--- Data provided Enclosed Below ---
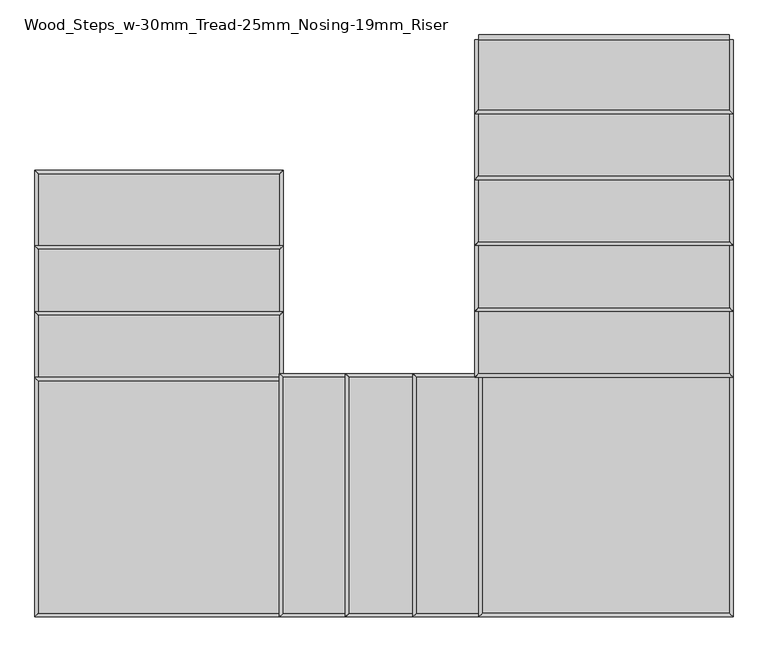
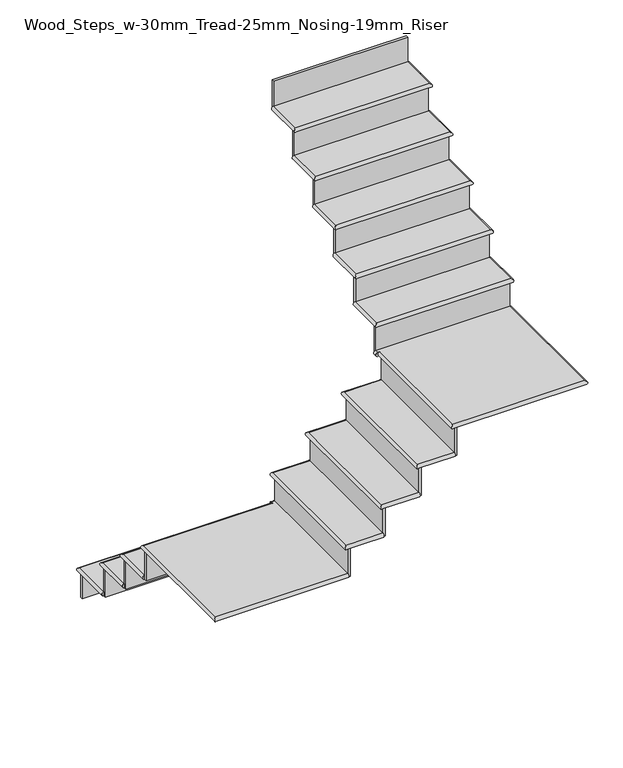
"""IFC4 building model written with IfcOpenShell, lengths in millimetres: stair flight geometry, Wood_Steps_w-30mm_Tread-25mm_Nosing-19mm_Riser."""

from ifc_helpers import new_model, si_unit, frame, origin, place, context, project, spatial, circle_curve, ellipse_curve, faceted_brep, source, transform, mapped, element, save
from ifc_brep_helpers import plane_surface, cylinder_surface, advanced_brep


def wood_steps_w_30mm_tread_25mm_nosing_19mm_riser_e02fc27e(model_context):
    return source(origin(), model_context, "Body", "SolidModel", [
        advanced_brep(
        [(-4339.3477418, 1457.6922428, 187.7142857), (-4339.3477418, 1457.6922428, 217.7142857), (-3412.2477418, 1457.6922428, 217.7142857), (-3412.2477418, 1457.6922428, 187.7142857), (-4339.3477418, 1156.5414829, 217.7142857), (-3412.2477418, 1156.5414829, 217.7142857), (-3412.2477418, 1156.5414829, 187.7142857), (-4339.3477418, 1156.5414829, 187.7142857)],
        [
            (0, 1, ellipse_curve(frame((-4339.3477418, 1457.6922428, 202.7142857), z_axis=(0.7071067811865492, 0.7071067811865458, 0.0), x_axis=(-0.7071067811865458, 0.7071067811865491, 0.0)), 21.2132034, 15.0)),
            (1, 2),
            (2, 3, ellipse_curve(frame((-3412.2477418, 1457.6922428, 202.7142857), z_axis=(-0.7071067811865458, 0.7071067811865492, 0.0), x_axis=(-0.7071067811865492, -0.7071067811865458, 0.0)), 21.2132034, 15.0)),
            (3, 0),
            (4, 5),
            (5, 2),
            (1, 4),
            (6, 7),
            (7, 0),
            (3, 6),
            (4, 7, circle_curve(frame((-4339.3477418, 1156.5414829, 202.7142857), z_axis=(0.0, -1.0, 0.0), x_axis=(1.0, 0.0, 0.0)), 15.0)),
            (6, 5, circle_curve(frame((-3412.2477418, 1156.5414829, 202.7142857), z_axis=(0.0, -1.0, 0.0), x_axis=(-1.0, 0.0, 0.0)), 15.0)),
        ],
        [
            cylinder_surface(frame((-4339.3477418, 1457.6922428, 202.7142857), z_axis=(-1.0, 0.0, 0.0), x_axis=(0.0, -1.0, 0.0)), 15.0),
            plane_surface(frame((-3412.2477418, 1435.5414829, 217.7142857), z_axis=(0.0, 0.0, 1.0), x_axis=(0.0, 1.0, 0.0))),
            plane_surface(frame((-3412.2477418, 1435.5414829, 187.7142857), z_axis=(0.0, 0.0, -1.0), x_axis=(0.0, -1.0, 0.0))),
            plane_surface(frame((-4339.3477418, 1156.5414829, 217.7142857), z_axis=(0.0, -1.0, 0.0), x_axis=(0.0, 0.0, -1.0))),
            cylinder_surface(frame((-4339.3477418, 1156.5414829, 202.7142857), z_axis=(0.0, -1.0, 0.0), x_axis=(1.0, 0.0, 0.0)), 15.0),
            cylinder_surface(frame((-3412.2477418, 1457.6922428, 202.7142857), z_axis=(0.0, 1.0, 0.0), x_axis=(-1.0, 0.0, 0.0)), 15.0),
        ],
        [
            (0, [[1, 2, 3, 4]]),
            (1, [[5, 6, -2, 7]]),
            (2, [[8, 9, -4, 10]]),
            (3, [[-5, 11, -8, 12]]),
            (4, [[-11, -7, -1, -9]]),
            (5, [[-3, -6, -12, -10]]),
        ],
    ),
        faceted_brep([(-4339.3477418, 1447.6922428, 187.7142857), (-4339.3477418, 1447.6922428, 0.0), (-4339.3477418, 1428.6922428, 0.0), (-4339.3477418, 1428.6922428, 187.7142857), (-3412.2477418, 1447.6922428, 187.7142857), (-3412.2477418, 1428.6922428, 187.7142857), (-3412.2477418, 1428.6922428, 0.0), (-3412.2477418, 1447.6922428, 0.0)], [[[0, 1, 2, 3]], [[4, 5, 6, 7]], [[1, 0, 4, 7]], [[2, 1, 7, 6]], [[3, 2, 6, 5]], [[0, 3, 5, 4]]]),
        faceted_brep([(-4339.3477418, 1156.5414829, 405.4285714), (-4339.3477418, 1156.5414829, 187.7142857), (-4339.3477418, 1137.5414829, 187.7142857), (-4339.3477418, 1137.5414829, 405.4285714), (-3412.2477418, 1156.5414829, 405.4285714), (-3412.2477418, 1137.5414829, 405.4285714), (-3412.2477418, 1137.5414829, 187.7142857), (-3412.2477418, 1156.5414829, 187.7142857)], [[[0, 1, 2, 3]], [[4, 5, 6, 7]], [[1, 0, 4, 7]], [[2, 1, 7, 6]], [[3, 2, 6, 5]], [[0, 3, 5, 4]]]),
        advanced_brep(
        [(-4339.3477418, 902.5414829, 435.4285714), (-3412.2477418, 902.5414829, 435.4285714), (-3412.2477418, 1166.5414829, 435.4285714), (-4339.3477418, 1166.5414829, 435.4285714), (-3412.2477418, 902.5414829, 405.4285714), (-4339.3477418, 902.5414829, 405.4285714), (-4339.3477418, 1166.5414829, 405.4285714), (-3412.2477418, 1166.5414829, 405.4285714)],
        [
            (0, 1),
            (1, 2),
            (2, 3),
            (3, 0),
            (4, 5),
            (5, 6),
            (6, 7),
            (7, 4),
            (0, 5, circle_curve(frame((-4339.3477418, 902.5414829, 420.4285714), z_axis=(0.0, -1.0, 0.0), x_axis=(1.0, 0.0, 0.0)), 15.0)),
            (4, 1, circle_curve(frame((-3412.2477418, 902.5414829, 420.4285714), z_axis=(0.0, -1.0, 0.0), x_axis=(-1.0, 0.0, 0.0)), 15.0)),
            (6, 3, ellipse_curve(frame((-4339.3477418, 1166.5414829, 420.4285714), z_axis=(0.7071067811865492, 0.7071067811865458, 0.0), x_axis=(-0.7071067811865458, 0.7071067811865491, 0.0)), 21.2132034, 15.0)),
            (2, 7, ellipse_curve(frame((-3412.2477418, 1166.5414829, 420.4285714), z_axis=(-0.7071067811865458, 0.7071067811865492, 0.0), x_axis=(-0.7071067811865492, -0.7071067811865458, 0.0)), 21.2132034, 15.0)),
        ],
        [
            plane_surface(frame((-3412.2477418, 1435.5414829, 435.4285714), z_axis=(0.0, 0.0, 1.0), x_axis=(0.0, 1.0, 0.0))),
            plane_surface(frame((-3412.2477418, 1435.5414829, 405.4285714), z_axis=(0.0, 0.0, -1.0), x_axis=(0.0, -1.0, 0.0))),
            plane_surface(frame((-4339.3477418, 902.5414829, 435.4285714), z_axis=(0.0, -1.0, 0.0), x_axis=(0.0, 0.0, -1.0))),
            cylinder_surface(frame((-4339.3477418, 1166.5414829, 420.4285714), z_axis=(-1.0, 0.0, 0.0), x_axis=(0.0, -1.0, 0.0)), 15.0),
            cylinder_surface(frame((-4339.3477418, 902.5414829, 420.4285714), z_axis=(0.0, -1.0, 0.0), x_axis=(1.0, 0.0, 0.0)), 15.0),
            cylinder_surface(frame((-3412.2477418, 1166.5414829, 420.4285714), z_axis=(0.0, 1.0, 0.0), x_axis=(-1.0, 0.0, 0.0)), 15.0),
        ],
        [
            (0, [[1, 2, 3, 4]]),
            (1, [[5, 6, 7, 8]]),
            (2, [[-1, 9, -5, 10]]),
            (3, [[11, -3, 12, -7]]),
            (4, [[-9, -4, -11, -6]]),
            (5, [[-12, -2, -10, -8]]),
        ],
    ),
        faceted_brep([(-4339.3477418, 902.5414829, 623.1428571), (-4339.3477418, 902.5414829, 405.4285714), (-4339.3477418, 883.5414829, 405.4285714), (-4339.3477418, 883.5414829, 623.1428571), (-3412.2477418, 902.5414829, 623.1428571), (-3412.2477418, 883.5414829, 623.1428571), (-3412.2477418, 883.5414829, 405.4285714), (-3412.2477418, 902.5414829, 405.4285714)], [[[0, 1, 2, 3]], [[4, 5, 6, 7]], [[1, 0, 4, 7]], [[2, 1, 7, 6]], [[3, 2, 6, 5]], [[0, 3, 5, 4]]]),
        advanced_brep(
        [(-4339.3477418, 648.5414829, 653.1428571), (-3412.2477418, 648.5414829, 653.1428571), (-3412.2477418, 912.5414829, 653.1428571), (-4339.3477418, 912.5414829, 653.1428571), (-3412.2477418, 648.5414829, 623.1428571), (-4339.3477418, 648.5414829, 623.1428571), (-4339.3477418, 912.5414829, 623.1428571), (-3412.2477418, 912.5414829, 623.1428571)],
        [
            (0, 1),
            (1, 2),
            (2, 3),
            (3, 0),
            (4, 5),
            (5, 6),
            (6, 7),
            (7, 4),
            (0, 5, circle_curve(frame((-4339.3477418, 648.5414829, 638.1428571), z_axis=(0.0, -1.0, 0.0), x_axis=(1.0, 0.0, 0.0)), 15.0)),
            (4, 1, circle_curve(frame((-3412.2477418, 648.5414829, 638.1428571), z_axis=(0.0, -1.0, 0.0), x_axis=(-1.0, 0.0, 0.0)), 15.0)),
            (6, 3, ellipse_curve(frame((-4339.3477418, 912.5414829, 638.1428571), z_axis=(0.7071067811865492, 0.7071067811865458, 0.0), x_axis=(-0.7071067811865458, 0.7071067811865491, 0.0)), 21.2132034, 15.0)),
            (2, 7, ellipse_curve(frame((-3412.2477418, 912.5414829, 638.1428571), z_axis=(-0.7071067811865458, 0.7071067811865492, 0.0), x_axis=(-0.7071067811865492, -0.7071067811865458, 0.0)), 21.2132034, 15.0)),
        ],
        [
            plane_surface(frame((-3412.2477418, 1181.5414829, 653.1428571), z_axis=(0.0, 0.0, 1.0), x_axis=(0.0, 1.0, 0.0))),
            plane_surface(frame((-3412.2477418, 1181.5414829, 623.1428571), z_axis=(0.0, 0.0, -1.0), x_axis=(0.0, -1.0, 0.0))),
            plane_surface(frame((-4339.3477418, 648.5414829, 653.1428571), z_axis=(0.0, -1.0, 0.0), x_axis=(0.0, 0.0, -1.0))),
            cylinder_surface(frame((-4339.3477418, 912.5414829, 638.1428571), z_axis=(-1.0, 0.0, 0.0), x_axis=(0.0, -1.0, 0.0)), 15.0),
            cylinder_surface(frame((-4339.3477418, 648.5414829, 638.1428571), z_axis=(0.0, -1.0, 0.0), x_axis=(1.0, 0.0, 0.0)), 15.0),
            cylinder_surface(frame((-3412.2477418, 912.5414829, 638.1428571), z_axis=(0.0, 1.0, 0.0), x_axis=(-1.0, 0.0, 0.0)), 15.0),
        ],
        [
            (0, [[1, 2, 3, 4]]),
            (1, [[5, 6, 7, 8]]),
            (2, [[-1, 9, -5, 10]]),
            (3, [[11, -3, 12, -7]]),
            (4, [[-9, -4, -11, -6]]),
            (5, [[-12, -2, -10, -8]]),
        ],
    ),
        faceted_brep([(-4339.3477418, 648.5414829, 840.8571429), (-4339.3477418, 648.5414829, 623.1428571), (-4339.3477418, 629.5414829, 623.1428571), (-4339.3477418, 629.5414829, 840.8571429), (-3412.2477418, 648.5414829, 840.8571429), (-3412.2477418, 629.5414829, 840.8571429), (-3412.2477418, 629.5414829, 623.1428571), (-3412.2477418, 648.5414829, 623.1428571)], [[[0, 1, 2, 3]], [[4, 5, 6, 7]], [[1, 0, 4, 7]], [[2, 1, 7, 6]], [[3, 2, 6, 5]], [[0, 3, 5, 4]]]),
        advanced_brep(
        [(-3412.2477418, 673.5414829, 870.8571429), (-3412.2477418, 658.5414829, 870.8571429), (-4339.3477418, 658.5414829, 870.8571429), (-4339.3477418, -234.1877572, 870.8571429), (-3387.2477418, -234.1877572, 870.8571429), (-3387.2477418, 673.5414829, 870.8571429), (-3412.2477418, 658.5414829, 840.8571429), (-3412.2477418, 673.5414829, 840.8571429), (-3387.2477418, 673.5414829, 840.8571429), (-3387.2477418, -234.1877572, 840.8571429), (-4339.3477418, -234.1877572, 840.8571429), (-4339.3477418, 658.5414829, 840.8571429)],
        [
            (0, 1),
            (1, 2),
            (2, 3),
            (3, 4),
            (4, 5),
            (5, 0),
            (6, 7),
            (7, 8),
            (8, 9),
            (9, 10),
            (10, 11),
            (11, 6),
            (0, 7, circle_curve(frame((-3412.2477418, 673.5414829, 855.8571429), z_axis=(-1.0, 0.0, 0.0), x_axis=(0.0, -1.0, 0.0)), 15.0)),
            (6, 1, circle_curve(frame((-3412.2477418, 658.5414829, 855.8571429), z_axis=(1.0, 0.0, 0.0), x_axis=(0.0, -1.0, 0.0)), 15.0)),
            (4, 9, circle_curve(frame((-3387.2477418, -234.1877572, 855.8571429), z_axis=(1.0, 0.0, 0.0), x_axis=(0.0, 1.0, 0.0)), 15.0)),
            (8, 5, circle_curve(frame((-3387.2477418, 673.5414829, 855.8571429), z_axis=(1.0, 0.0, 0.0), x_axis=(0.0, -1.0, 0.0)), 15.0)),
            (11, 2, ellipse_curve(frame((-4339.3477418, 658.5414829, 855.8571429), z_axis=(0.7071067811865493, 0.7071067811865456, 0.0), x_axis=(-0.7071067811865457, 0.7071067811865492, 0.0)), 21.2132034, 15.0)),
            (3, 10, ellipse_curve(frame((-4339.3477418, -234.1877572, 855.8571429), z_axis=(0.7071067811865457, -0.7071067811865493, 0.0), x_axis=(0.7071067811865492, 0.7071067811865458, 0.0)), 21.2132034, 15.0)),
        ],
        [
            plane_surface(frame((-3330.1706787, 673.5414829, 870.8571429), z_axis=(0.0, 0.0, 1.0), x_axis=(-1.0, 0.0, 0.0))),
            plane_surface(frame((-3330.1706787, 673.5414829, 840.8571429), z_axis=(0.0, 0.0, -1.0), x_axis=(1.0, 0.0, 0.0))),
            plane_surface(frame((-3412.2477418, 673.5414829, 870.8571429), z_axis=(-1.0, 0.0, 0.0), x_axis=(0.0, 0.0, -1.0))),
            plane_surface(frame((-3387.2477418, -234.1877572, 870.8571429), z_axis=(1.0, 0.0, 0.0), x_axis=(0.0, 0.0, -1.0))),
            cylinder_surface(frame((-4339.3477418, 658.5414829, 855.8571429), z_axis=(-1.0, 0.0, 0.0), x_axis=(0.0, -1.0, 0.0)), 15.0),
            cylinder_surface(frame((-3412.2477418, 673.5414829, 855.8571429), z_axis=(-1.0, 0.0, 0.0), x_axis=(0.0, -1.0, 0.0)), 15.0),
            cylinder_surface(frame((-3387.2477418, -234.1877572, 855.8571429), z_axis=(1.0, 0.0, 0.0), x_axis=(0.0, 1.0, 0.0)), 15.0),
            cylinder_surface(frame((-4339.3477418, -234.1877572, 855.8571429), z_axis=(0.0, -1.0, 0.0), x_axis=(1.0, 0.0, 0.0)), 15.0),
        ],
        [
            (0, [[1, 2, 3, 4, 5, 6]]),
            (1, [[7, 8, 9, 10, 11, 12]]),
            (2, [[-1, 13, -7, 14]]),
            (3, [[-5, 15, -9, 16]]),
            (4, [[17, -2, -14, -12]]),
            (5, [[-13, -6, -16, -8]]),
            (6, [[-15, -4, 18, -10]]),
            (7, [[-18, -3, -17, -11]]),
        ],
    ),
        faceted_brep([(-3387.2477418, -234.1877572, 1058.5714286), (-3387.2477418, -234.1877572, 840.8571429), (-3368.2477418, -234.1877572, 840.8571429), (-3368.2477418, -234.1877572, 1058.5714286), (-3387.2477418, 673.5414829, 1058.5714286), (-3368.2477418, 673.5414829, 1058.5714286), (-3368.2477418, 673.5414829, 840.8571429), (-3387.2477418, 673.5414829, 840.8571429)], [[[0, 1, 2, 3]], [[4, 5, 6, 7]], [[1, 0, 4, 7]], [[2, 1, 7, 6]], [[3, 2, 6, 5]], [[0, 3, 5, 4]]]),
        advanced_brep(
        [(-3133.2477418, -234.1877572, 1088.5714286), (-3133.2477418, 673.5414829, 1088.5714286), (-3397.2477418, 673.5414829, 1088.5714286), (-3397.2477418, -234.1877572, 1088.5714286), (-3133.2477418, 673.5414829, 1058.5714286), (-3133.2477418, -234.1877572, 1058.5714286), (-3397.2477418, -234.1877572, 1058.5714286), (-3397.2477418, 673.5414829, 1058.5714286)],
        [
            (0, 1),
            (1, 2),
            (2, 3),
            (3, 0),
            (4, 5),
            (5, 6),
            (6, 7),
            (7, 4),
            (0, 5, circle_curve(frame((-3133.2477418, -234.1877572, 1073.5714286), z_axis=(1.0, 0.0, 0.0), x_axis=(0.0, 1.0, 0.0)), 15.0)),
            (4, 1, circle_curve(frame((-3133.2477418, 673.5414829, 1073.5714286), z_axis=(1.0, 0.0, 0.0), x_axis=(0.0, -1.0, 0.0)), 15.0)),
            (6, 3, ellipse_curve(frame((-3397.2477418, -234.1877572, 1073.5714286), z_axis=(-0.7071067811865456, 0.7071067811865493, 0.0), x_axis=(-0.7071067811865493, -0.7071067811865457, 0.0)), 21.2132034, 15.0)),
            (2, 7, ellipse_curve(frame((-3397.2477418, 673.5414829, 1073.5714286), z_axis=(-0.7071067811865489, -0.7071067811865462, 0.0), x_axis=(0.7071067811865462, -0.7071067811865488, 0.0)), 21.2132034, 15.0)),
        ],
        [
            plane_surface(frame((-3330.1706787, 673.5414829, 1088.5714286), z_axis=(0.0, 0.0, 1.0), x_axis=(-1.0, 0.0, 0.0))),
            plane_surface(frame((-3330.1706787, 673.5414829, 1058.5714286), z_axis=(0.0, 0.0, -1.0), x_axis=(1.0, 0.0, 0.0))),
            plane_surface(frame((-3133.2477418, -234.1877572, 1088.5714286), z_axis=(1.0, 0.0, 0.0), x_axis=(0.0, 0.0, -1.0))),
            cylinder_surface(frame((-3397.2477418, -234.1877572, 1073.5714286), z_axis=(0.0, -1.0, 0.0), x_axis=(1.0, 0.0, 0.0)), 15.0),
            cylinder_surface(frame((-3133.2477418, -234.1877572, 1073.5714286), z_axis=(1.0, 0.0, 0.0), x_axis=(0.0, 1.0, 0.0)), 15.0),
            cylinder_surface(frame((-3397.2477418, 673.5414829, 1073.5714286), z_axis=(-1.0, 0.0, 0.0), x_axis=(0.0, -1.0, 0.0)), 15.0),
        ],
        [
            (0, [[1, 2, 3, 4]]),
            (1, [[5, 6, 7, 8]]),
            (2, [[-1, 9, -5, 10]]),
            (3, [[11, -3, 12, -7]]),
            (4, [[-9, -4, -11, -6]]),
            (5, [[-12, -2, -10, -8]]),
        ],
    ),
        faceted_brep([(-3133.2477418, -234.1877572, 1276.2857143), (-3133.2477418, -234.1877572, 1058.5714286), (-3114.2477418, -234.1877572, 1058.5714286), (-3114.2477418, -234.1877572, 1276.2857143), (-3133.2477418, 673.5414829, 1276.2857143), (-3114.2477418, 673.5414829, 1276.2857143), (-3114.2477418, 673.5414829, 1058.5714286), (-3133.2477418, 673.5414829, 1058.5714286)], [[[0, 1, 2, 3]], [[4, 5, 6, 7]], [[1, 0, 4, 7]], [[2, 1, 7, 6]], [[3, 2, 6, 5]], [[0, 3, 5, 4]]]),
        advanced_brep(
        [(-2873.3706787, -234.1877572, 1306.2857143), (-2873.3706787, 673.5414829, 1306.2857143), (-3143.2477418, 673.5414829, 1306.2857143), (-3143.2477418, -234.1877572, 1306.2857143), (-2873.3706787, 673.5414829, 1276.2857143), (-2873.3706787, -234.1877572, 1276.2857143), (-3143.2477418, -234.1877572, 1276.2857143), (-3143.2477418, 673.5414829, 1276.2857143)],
--- End of Enclosed Data provided ---
Search the entries above for the string "import", and report each line where it occurs.

from ifc_helpers import new_model, si_unit, frame, origin, place, context, project, spatial, circle_curve, ellipse_curve, faceted_brep, source, transform, mapped, element, save
from ifc_brep_helpers import plane_surface, cylinder_surface, advanced_brep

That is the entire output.